— The task —
All lines with the word "project" must be pulled from the entries below.

### Data under study

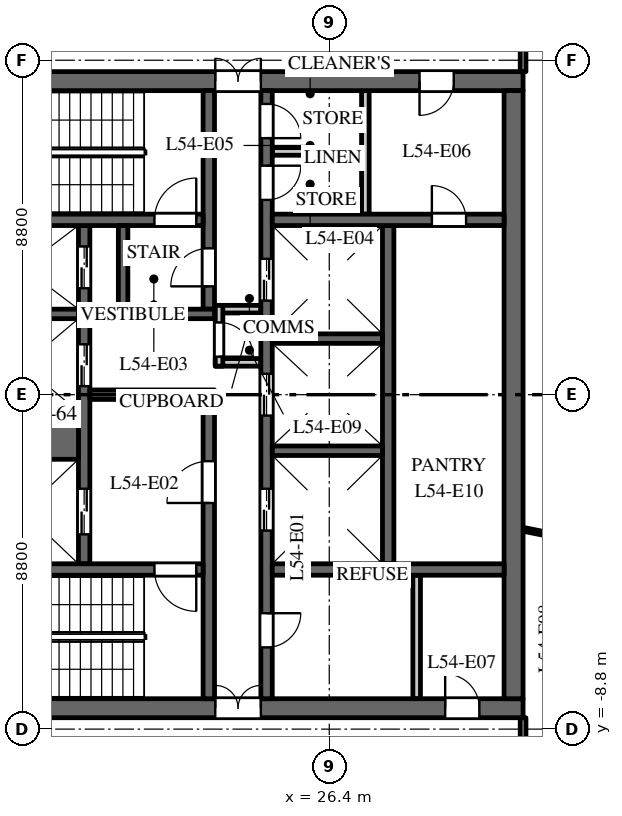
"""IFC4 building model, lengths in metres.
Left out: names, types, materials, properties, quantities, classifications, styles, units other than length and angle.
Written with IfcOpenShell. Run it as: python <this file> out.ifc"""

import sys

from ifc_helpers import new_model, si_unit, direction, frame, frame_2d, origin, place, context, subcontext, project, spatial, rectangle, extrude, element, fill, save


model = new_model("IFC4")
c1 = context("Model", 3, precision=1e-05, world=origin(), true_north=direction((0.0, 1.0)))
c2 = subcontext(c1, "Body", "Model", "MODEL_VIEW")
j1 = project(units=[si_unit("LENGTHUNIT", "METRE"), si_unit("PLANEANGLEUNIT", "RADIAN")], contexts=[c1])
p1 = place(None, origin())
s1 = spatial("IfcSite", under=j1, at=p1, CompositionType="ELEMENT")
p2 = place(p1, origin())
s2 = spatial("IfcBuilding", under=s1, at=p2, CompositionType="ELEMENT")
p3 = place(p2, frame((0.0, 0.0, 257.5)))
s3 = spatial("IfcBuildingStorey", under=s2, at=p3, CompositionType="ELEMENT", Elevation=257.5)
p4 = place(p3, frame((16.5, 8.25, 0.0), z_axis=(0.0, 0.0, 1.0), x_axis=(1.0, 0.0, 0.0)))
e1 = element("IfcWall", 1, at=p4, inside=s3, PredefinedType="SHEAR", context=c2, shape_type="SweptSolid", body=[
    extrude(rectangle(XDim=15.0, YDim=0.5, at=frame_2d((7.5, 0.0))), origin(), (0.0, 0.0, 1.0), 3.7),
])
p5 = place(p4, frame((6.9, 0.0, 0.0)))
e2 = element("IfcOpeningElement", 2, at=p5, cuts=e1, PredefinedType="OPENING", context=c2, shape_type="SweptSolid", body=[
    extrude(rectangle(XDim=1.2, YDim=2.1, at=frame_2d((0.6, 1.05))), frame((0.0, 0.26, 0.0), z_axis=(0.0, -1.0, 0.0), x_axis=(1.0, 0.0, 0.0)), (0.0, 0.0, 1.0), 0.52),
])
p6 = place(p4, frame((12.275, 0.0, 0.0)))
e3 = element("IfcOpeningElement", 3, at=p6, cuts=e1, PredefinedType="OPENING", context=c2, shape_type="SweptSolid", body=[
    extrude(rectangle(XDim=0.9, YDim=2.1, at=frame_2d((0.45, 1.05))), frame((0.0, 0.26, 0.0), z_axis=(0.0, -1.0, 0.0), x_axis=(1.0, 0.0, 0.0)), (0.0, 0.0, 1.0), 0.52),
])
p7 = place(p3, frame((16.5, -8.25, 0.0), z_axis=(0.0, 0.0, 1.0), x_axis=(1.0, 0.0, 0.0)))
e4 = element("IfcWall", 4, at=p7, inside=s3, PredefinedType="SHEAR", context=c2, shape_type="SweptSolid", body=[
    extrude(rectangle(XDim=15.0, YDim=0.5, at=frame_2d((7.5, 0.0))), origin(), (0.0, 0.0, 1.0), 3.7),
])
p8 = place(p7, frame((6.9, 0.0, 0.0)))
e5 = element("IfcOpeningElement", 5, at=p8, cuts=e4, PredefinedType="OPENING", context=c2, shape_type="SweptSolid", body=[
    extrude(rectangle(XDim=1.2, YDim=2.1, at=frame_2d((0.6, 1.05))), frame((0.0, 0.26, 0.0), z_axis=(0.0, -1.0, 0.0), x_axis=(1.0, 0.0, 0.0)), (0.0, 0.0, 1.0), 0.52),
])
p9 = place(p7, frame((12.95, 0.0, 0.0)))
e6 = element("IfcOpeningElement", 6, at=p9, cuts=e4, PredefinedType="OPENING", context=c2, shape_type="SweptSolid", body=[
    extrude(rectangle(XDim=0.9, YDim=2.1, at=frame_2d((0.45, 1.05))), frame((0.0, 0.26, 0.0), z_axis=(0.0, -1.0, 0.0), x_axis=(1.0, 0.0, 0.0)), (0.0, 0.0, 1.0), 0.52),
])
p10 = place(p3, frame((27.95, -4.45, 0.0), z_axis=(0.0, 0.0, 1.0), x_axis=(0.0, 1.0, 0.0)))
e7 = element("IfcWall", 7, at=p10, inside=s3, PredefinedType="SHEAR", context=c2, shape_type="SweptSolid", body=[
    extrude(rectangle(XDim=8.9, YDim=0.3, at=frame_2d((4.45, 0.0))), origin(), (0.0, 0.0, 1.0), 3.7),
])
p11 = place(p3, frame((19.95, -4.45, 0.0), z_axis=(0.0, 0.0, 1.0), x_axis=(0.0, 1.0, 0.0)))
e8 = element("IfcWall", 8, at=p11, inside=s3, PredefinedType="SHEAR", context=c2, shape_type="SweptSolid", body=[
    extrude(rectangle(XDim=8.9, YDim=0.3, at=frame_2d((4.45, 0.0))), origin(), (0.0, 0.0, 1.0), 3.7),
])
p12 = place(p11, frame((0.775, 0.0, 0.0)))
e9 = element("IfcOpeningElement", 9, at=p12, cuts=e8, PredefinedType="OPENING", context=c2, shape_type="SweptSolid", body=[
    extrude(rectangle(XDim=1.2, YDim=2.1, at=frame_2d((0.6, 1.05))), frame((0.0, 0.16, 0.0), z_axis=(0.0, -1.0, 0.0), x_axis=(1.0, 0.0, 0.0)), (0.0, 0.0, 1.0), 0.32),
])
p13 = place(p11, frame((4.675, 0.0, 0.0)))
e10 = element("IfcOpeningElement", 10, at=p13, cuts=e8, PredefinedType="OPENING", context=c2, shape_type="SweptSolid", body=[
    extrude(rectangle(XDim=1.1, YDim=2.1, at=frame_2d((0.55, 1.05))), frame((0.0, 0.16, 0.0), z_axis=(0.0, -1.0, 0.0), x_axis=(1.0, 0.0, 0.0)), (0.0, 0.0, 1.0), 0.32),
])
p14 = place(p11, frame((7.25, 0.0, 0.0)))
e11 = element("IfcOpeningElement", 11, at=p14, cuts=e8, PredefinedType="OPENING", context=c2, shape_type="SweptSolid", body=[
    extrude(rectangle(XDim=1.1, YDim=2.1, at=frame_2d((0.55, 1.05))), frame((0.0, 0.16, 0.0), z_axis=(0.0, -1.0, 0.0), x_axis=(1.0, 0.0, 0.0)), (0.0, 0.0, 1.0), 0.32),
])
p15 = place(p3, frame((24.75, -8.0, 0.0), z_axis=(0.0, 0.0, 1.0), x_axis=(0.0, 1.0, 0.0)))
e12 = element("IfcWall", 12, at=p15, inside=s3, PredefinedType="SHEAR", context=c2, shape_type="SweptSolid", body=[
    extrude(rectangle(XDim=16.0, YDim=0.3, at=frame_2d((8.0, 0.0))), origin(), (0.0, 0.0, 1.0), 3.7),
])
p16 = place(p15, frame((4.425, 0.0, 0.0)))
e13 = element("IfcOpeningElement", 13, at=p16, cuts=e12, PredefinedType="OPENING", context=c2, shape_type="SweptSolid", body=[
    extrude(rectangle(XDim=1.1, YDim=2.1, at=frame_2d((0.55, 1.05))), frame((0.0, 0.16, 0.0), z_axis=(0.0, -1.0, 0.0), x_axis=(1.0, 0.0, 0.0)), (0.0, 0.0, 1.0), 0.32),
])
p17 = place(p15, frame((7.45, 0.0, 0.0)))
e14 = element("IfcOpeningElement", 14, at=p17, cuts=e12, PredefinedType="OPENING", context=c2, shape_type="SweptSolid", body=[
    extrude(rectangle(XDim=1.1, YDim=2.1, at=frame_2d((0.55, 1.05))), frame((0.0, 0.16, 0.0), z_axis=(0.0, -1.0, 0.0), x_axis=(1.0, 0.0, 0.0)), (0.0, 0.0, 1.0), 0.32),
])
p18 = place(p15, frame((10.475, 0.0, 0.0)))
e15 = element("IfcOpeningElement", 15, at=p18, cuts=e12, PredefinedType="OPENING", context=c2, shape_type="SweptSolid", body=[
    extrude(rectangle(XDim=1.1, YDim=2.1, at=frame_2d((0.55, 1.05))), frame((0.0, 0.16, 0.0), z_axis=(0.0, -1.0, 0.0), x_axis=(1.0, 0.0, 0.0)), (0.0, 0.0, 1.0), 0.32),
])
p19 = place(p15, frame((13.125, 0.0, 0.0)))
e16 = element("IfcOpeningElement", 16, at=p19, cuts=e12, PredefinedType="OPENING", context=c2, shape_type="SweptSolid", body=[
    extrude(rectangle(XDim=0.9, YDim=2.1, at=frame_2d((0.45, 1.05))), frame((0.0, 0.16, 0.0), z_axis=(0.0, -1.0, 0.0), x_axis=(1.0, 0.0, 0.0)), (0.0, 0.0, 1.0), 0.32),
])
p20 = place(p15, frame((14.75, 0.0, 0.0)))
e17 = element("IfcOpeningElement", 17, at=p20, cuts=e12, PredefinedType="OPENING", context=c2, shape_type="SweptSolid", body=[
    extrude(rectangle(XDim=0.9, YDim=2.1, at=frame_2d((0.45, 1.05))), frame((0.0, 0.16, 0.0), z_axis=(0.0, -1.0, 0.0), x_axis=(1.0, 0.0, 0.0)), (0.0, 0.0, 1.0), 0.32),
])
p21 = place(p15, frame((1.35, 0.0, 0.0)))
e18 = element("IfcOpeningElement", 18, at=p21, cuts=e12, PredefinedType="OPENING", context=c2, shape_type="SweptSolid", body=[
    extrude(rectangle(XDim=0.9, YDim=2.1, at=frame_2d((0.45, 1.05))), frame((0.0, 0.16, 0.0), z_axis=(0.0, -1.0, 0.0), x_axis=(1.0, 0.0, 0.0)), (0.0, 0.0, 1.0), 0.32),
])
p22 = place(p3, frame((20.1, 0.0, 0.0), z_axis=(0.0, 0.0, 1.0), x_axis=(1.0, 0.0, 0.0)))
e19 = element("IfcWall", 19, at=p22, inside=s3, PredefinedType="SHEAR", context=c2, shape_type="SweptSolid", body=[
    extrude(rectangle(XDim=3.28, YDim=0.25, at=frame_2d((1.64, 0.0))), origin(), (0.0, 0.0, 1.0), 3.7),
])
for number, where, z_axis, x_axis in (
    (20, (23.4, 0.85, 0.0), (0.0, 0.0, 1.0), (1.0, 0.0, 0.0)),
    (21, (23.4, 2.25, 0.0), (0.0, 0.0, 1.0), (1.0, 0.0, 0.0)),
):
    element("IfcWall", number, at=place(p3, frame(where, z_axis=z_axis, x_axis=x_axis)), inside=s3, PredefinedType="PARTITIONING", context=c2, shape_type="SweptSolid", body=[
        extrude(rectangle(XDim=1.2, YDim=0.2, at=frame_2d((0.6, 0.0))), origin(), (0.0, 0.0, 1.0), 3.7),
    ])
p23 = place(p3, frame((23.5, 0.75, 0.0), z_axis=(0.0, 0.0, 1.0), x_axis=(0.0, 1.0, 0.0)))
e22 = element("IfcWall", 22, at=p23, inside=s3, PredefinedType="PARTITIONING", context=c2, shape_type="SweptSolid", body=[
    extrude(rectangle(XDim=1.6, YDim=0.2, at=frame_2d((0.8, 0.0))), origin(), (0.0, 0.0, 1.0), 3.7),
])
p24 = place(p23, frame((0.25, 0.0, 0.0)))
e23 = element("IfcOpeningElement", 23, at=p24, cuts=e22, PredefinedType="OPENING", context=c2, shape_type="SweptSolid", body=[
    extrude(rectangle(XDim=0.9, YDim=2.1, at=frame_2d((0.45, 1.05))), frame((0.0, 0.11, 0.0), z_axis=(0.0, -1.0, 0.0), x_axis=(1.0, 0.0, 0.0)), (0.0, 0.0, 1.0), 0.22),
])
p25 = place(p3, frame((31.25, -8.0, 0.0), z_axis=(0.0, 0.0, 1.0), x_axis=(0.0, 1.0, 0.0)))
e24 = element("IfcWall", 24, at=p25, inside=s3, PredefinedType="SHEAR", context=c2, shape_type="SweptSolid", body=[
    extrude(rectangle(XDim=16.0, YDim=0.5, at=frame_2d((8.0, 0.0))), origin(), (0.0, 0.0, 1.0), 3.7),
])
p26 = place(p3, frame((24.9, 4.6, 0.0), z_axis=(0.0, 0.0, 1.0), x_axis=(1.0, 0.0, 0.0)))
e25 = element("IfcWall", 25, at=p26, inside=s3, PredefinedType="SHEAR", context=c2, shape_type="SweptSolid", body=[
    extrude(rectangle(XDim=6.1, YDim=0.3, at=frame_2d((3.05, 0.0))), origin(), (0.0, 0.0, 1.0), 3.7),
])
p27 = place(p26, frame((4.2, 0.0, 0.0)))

######

— Solution to this task —
from ifc_helpers import new_model, si_unit, direction, frame, frame_2d, origin, place, context, subcontext, project, spatial, rectangle, extrude, element, fill, save
j1 = project(units=[si_unit("LENGTHUNIT", "METRE"), si_unit("PLANEANGLEUNIT", "RADIAN")], contexts=[c1])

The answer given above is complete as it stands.